Extracted records.
......

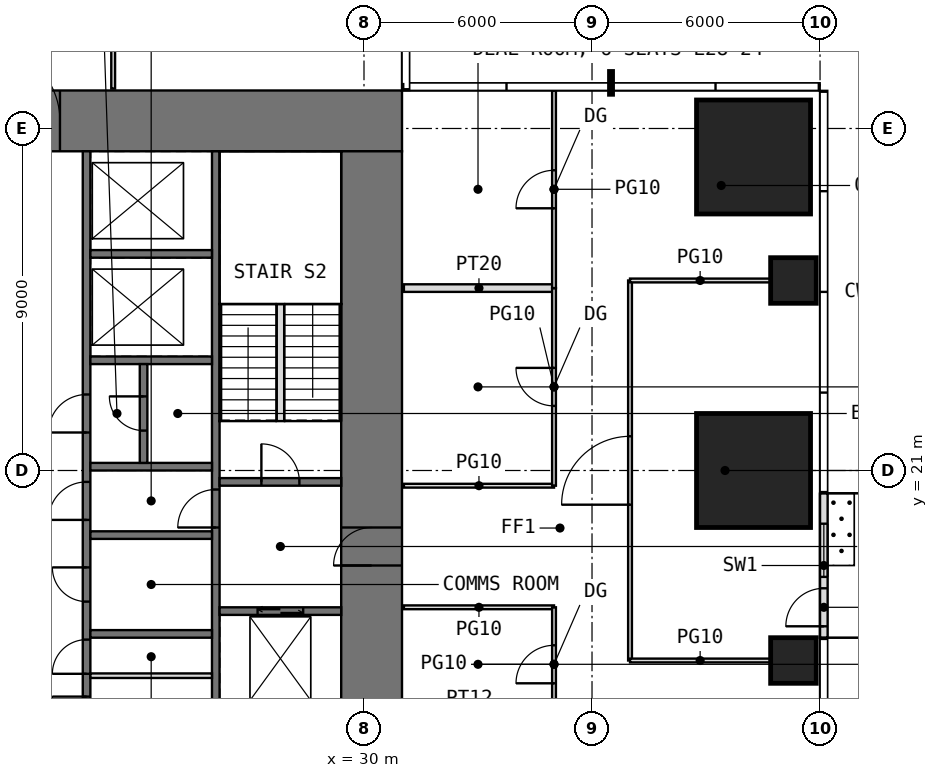
"""IFC4 building model, lengths in metres.
Left out: names, types, materials, properties, quantities, classifications, styles, units other than length and angle.
Written with IfcOpenShell. Run it as: python <this file> out.ifc"""

import sys

from ifc_helpers import new_model, si_unit, direction, frame, frame_2d, origin, origin_2d, place, context, subcontext, project, spatial, rectangle, extrude, element, fill, save


model = new_model("IFC4")
c1 = context("Model", 3, precision=1e-05, world=origin(), true_north=direction((0.0, 1.0)))
c2 = subcontext(c1, "Body", "Model", "MODEL_VIEW")
j1 = project(units=[si_unit("LENGTHUNIT", "METRE"), si_unit("PLANEANGLEUNIT", "RADIAN")], contexts=[c1])
p1 = place(None, origin())
s1 = spatial("IfcSite", under=j1, at=p1, CompositionType="ELEMENT")
p2 = place(p1, origin())
s2 = spatial("IfcBuilding", under=s1, at=p2, CompositionType="ELEMENT")
p3 = place(p2, frame((0.0, 0.0, 120.5)))
s3 = spatial("IfcBuildingStorey", under=s2, at=p3, CompositionType="ELEMENT", Elevation=120.5)
p4 = place(p3, frame((41.3, 16.0, 0.0), z_axis=(0.0, 0.0, 1.0), x_axis=(1.0, 0.0, 0.0)))
e1 = element("IfcColumn", 1, at=p4, inside=s3, PredefinedType="COLUMN", context=c2, shape_type="SweptSolid", body=[
    extrude(rectangle(XDim=1.2, YDim=1.2, at=origin_2d()), origin(), (0.0, 0.0, 1.0), 4.0),
])
p5 = place(p3, frame((40.25, 21.0, 0.0), z_axis=(0.0, 0.0, 1.0), x_axis=(1.0, 0.0, 0.0)))
e2 = element("IfcColumn", 2, at=p5, inside=s3, PredefinedType="COLUMN", context=c2, shape_type="SweptSolid", body=[
    extrude(rectangle(XDim=3.0, YDim=3.0, at=origin_2d()), origin(), (0.0, 0.0, 1.0), 4.0),
])
p6 = place(p3, frame((41.3, 26.0, 0.0), z_axis=(0.0, 0.0, 1.0), x_axis=(1.0, 0.0, 0.0)))
e3 = element("IfcColumn", 3, at=p6, inside=s3, PredefinedType="COLUMN", context=c2, shape_type="SweptSolid", body=[
    extrude(rectangle(XDim=1.2, YDim=1.2, at=origin_2d()), origin(), (0.0, 0.0, 1.0), 4.0),
])
p7 = place(p3, frame((40.25, 29.25, 0.0), z_axis=(0.0, 0.0, 1.0), x_axis=(1.0, 0.0, 0.0)))
e4 = element("IfcColumn", 4, at=p7, inside=s3, PredefinedType="COLUMN", context=c2, shape_type="SweptSolid", body=[
    extrude(rectangle(XDim=3.0, YDim=3.0, at=origin_2d()), origin(), (0.0, 0.0, 1.0), 4.0),
])
p8 = place(p3, frame((42.1, 16.6, 0.0), z_axis=(0.0, 0.0, 1.0), x_axis=(0.0, 1.0, 0.0)))
e5 = element("IfcWall", 5, at=p8, inside=s3, PredefinedType="USERDEFINED", context=c2, shape_type="SweptSolid", body=[
    extrude(rectangle(XDim=3.8, YDim=0.2, at=frame_2d((1.9, 0.0))), origin(), (0.0, 0.0, 1.0), 3.75),
])
p9 = place(p8, frame((0.3, 0.0, 0.0)))
e6 = element("IfcOpeningElement", 6, at=p9, cuts=e5, PredefinedType="OPENING", context=c2, shape_type="SweptSolid", body=[
    extrude(rectangle(XDim=1.0, YDim=2.4, at=frame_2d((0.5, 1.2))), frame((0.0, 0.11, 0.0), z_axis=(0.0, -1.0, 0.0), x_axis=(1.0, 0.0, 0.0)), (0.0, 0.0, 1.0), 0.22),
])
p10 = place(p8, frame((1.6, 0.0, 0.3)))
e7 = element("IfcOpeningElement", 7, at=p10, cuts=e5, PredefinedType="OPENING", context=c2, shape_type="SweptSolid", body=[
    extrude(rectangle(XDim=1.4, YDim=2.7, at=frame_2d((0.7, 1.35))), frame((0.0, 0.11, 0.0), z_axis=(0.0, -1.0, 0.0), x_axis=(1.0, 0.0, 0.0)), (0.0, 0.0, 1.0), 0.22),
])
p11 = place(p3, frame((11.0, 30.2, -0.05), z_axis=(0.0, 0.0, 1.0), x_axis=(1.0, 0.0, 0.0)))
e8 = element("IfcWall", 8, at=p11, inside=s3, PredefinedType="SHEAR", context=c2, shape_type="SweptSolid", body=[
    extrude(rectangle(XDim=20.0, YDim=1.6, at=frame_2d((10.0, 0.0))), origin(), (0.0, 0.0, 1.0), 4.0),
])
p12 = place(p11, frame((9.0, 0.0, 0.05)))
e9 = element("IfcOpeningElement", 9, at=p12, cuts=e8, PredefinedType="OPENING", context=c2, shape_type="SweptSolid", body=[
    extrude(rectangle(XDim=2.0, YDim=2.2, at=frame_2d((1.0, 1.1))), frame((0.0, 0.81, 0.0), z_axis=(0.0, -1.0, 0.0), x_axis=(1.0, 0.0, 0.0)), (0.0, 0.0, 1.0), 1.62),
])
p13 = place(p3, frame((30.2, 12.6, -0.05), z_axis=(0.0, 0.0, 1.0), x_axis=(0.0, 1.0, 0.0)))
e10 = element("IfcWall", 10, at=p13, inside=s3, PredefinedType="SHEAR", context=c2, shape_type="SweptSolid", body=[
    extrude(rectangle(XDim=16.8, YDim=1.6, at=frame_2d((8.4, 0.0))), origin(), (0.0, 0.0, 1.0), 4.0),
])
p14 = place(p13, frame((5.9, 0.0, 0.05)))
e11 = element("IfcOpeningElement", 11, at=p14, cuts=e10, PredefinedType="OPENING", context=c2, shape_type="SweptSolid", body=[
    extrude(rectangle(XDim=1.0, YDim=2.2, at=frame_2d((0.5, 1.1))), frame((0.0, 0.81, 0.0), z_axis=(0.0, -1.0, 0.0), x_axis=(1.0, 0.0, 0.0)), (0.0, 0.0, 1.0), 1.62),
])
p15 = place(p3, frame((22.7, 12.6, -0.05), z_axis=(0.0, 0.0, 1.0), x_axis=(0.0, 1.0, 0.0)))
e12 = element("IfcWall", 12, at=p15, inside=s3, PredefinedType="SHEAR", context=c2, shape_type="SweptSolid", body=[
    extrude(rectangle(XDim=16.8, YDim=0.2, at=frame_2d((8.4, 0.0))), origin(), (0.0, 0.0, 1.0), 4.0),
])
p16 = place(p15, frame((3.05, 0.0, 0.05)))
e13 = element("IfcOpeningElement", 13, at=p16, cuts=e12, PredefinedType="OPENING", context=c2, shape_type="SweptSolid", body=[
    extrude(rectangle(XDim=0.9, YDim=2.2, at=frame_2d((0.45, 1.1))), frame((0.0, 0.11, 0.0), z_axis=(0.0, -1.0, 0.0), x_axis=(1.0, 0.0, 0.0)), (0.0, 0.0, 1.0), 0.22),
])
p17 = place(p15, frame((7.1, 0.0, 0.05)))
e14 = element("IfcOpeningElement", 14, at=p17, cuts=e12, PredefinedType="OPENING", context=c2, shape_type="SweptSolid", body=[
    extrude(rectangle(XDim=1.0, YDim=2.2, at=frame_2d((0.5, 1.1))), frame((0.0, 0.11, 0.0), z_axis=(0.0, -1.0, 0.0), x_axis=(1.0, 0.0, 0.0)), (0.0, 0.0, 1.0), 0.22),
])
p18 = place(p15, frame((1.55, 0.0, 0.05)))
e15 = element("IfcOpeningElement", 15, at=p18, cuts=e12, PredefinedType="OPENING", context=c2, shape_type="SweptSolid", body=[
    extrude(rectangle(XDim=0.9, YDim=2.2, at=frame_2d((0.45, 1.1))), frame((0.0, 0.11, 0.0), z_axis=(0.0, -1.0, 0.0), x_axis=(1.0, 0.0, 0.0)), (0.0, 0.0, 1.0), 0.22),
])
p19 = place(p15, frame((4.95, 0.0, 0.05)))
e16 = element("IfcOpeningElement", 16, at=p19, cuts=e12, PredefinedType="OPENING", context=c2, shape_type="SweptSolid", body=[
    extrude(rectangle(XDim=0.9, YDim=2.2, at=frame_2d((0.45, 1.1))), frame((0.0, 0.11, 0.0), z_axis=(0.0, -1.0, 0.0), x_axis=(1.0, 0.0, 0.0)), (0.0, 0.0, 1.0), 0.22),
])
p20 = place(p15, frame((9.4, 0.0, 0.05)))
e17 = element("IfcOpeningElement", 17, at=p20, cuts=e12, PredefinedType="OPENING", context=c2, shape_type="SweptSolid", body=[
    extrude(rectangle(XDim=1.0, YDim=2.2, at=frame_2d((0.5, 1.1))), frame((0.0, 0.11, 0.0), z_axis=(0.0, -1.0, 0.0), x_axis=(1.0, 0.0, 0.0)), (0.0, 0.0, 1.0), 0.22),
])
p21 = place(p3, frame((26.1, 12.6, -0.05), z_axis=(0.0, 0.0, 1.0), x_axis=(0.0, 1.0, 0.0)))
e18 = element("IfcWall", 18, at=p21, inside=s3, PredefinedType="SHEAR", context=c2, shape_type="SweptSolid", body=[
    extrude(rectangle(XDim=16.8, YDim=0.2, at=frame_2d((8.4, 0.0))), origin(), (0.0, 0.0, 1.0), 4.0),
])
p22 = place(p21, frame((6.9, 0.0, 0.05)))
e19 = element("IfcOpeningElement", 19, at=p22, cuts=e18, PredefinedType="OPENING", context=c2, shape_type="SweptSolid", body=[
    extrude(rectangle(XDim=1.0, YDim=2.2, at=frame_2d((0.5, 1.1))), frame((0.0, 0.11, 0.0), z_axis=(0.0, -1.0, 0.0), x_axis=(1.0, 0.0, 0.0)), (0.0, 0.0, 1.0), 0.22),
])
for number, where, z_axis, x_axis in (
    (20, (22.8, 16.7, -0.05), (0.0, 0.0, 1.0), (1.0, 0.0, 0.0)),
    (21, (22.8, 19.3, -0.05), (0.0, 0.0, 1.0), (1.0, 0.0, 0.0)),
    (22, (22.8, 21.1, -0.05), (0.0, 0.0, 1.0), (1.0, 0.0, 0.0)),
    (23, (22.8, 23.9, -0.05), (0.0, 0.0, 1.0), (1.0, 0.0, 0.0)),
    (24, (22.8, 26.7, -0.05), (0.0, 0.0, 1.0), (1.0, 0.0, 0.0)),
):
    element("IfcWall", number, at=place(p3, frame(where, z_axis=z_axis, x_axis=x_axis)), inside=s3, PredefinedType="SHEAR", context=c2, shape_type="SweptSolid", body=[
        extrude(rectangle(XDim=3.2, YDim=0.2, at=frame_2d((1.6, 0.0))), origin(), (0.0, 0.0, 1.0), 4.0),
    ])
p23 = place(p3, frame((26.2, 17.3, -0.05), z_axis=(0.0, 0.0, 1.0), x_axis=(1.0, 0.0, 0.0)))
e25 = element("IfcWall", 25, at=p23, inside=s3, PredefinedType="SHEAR", context=c2, shape_type="SweptSolid", body=[
    extrude(rectangle(XDim=3.2, YDim=0.2, at=frame_2d((1.6, 0.0))), origin(), (0.0, 0.0, 1.0), 4.0),
])
p24 = place(p23, frame((1.0, 0.0, 0.05)))
e26 = element("IfcOpeningElement", 26, at=p24, cuts=e25, PredefinedType="OPENING", context=c2, shape_type="SweptSolid", body=[
    extrude(rectangle(XDim=1.2, YDim=2.2, at=frame_2d((0.6, 1.1))), frame((0.0, 0.11, 0.0), z_axis=(0.0, -1.0, 0.0), x_axis=(1.0, 0.0, 0.0)), (0.0, 0.0, 1.0), 0.22),
])
p25 = place(p3, frame((26.2, 20.7, -0.05), z_axis=(0.0, 0.0, 1.0), x_axis=(1.0, 0.0, 0.0)))
e27 = element("IfcWall", 27, at=p25, inside=s3, PredefinedType="SHEAR", context=c2, shape_type="SweptSolid", body=[
    extrude(rectangle(XDim=3.2, YDim=0.2, at=frame_2d((1.6, 0.0))), origin(), (0.0, 0.0, 1.0), 4.0),
])
p26 = place(p25, frame((1.1, 0.0, 0.05)))
e28 = element("IfcOpeningElement", 28, at=p26, cuts=e27, PredefinedType="OPENING", context=c2, shape_type="SweptSolid", body=[
    extrude(rectangle(XDim=1.0, YDim=2.2, at=frame_2d((0.5, 1.1))), frame((0.0, 0.11, 0.0), z_axis=(0.0, -1.0, 0.0), x_axis=(1.0, 0.0, 0.0)), (0.0, 0.0, 1.0), 0.22),
])
p27 = place(p3, frame((22.8, 15.6, 0.0), z_axis=(0.0, 0.0, 1.0), x_axis=(1.0, 0.0, 0.0)))
e29 = element("IfcWall", 29, at=p27, inside=s3, PredefinedType="PARTITIONING", context=c2, shape_type="SweptSolid", body=[
    extrude(rectangle(XDim=3.2, YDim=0.12, at=frame_2d((1.6, 0.0))), origin(), (0.0, 0.0, 1.0), 3.75),
])
p28 = place(p3, frame((24.2, 21.2, -0.05), z_axis=(0.0, 0.0, 1.0), x_axis=(0.0, 1.0, 0.0)))
e30 = element("IfcWall", 30, at=p28, inside=s3, PredefinedType="SHEAR", context=c2, shape_type="SweptSolid", body=[
    extrude(rectangle(XDim=2.6, YDim=0.2, at=frame_2d((1.3, 0.0))), origin(), (0.0, 0.0, 1.0), 4.0),
])
p29 = place(p28, frame((0.85, 0.0, 0.05)))
e31 = element("IfcOpeningElement", 31, at=p29, cuts=e30, PredefinedType="OPENING", context=c2, shape_type="SweptSolid", body=[
    extrude(rectangle(XDim=0.9, YDim=2.2, at=frame_2d((0.45, 1.1))), frame((0.0, 0.11, 0.0), z_axis=(0.0, -1.0, 0.0), x_axis=(1.0, 0.0, 0.0)), (0.0, 0.0, 1.0), 0.22),
])
for number, where, z_axis, x_axis in (
    (32, (23.4, 31.05, 0.0), (0.0, 0.0, 1.0), (0.0, 1.0, 0.0)),
    (33, (31.05, 17.4, 0.0), (0.0, 0.0, 1.0), (1.0, 0.0, 0.0)),
    (34, (31.05, 20.6, 0.0), (0.0, 0.0, 1.0), (1.0, 0.0, 0.0)),
):
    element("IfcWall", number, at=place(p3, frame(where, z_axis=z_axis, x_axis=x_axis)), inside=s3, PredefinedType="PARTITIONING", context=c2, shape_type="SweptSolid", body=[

......

What you should do. Scan the records above, then copy out each line that mentions "PARTITIONING".

Solution to this task.
e29 = element("IfcWall", 29, at=p27, inside=s3, PredefinedType="PARTITIONING", context=c2, shape_type="SweptSolid", body=[
    element("IfcWall", number, at=place(p3, frame(where, z_axis=z_axis, x_axis=x_axis)), inside=s3, PredefinedType="PARTITIONING", context=c2, shape_type="SweptSolid", body=[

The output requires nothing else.